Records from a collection
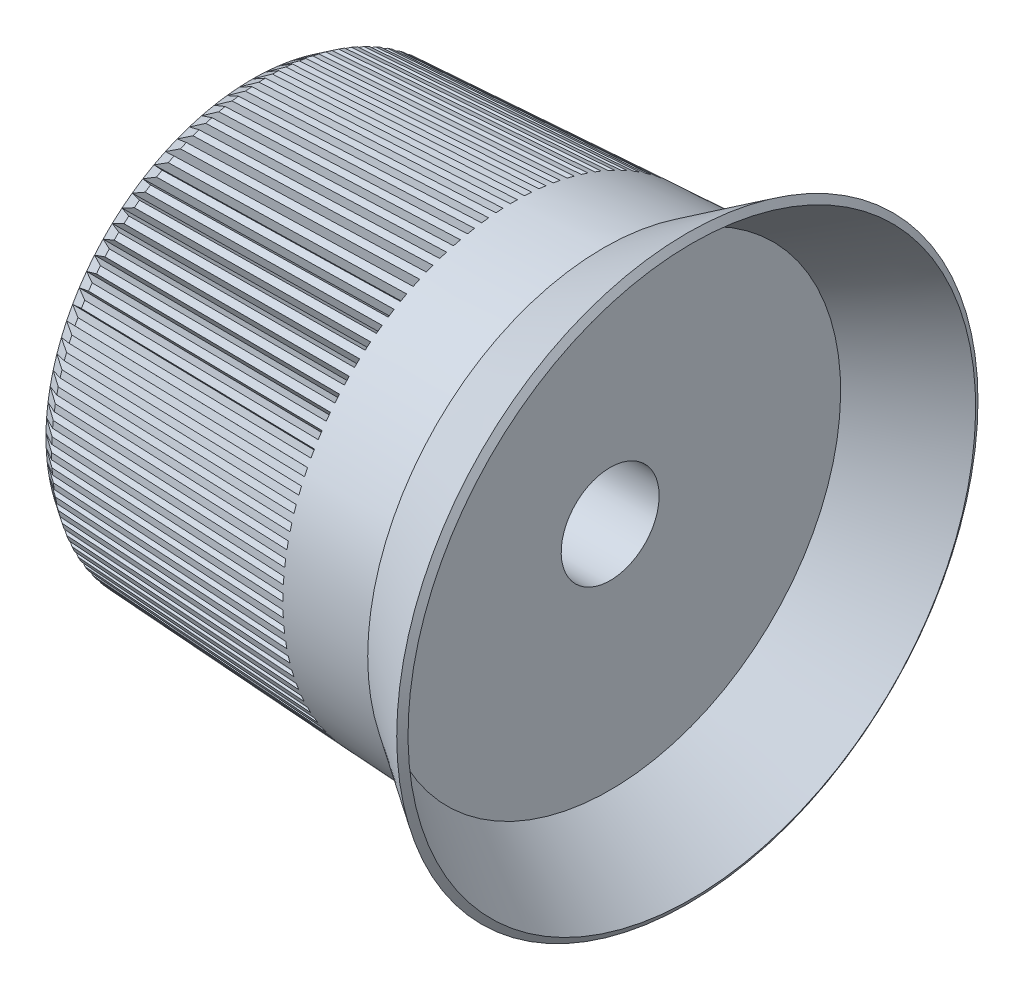
from build123d import *

# Parameters (mm, degrees)
CHAMFER1_SIZE      = 2
CHAMFER1_SIZE2     = 1.195005807
CIRPATTERN1_COUNT  = 101
SKETCH4_R          = 3
CUT_EXTRUDE1_DEPTH = 90


with BuildPart() as part:
    # Sketch1 → Revolve1 (revolve)
    with BuildSketch(Plane.XY):
        Polygon((0, 0), (0, 26.5), (43, 28.9), (53.252971779, 35.6), (53.8, 34.762885835), (43.8, 28.22819507), (43.8, 6), (3.8, 6), (3.8, 0), align=None)
    revolve(axis=Axis((3.8, 0, 0), (-1, 0, 0)))

    # Chamfer1
    chamfer1_edges = [part.edges().sort_by_distance(p)[0] for p in [
        (0, -26.5, 0),
    ]]
    chamfer1_side = [part.faces().sort_by_distance(p)[0] for p in [
        (21.5, -27.7, 0),
    ]]
    chamfer(chamfer1_edges, length=CHAMFER1_SIZE, length2=CHAMFER1_SIZE2, reference=chamfer1_side[0])

    # Cut-Sweep1: sweep along a path in Sketch3
    with BuildLine(Plane.XY) as cut_sweep1_path:
        Line((0, 25.304994193), (32, 27.091040704))
    # Sketch2 → Cut-Sweep1 (sweep, cut)
    with BuildSketch(Plane.ZY):
        Polygon((0, 25.304994193), (1.819851171, 30.304994193), (-1.819851171, 30.304994193), align=None)
    cut_sweep1 = sweep(path=cut_sweep1_path.line, mode=Mode.SUBTRACT)

    # CirPattern1: Cut-Sweep1 ×101 about axis
    cirpattern1_axis = Axis((0, 0, 0), (1, 0, 0))
    for i in range(1, CIRPATTERN1_COUNT):
        add(cut_sweep1.rotate(cirpattern1_axis, i * 360 / CIRPATTERN1_COUNT), mode=Mode.SUBTRACT)

    # Sketch4 → Cut-Extrude1 (cut)
    with BuildSketch(Plane(origin=(0, 0, 0), x_dir=(1, 0, 0), z_dir=(0, 1, 0))):
        with Locations(Location((25.8, 0, 0), (0, 0, 270))):
            Circle(SKETCH4_R)
    extrude(amount=-CUT_EXTRUDE1_DEPTH, mode=Mode.SUBTRACT)


solid = part.part

> Task details
The answer must be a single number: how many lines of the records contain the string "None".

> Response box
2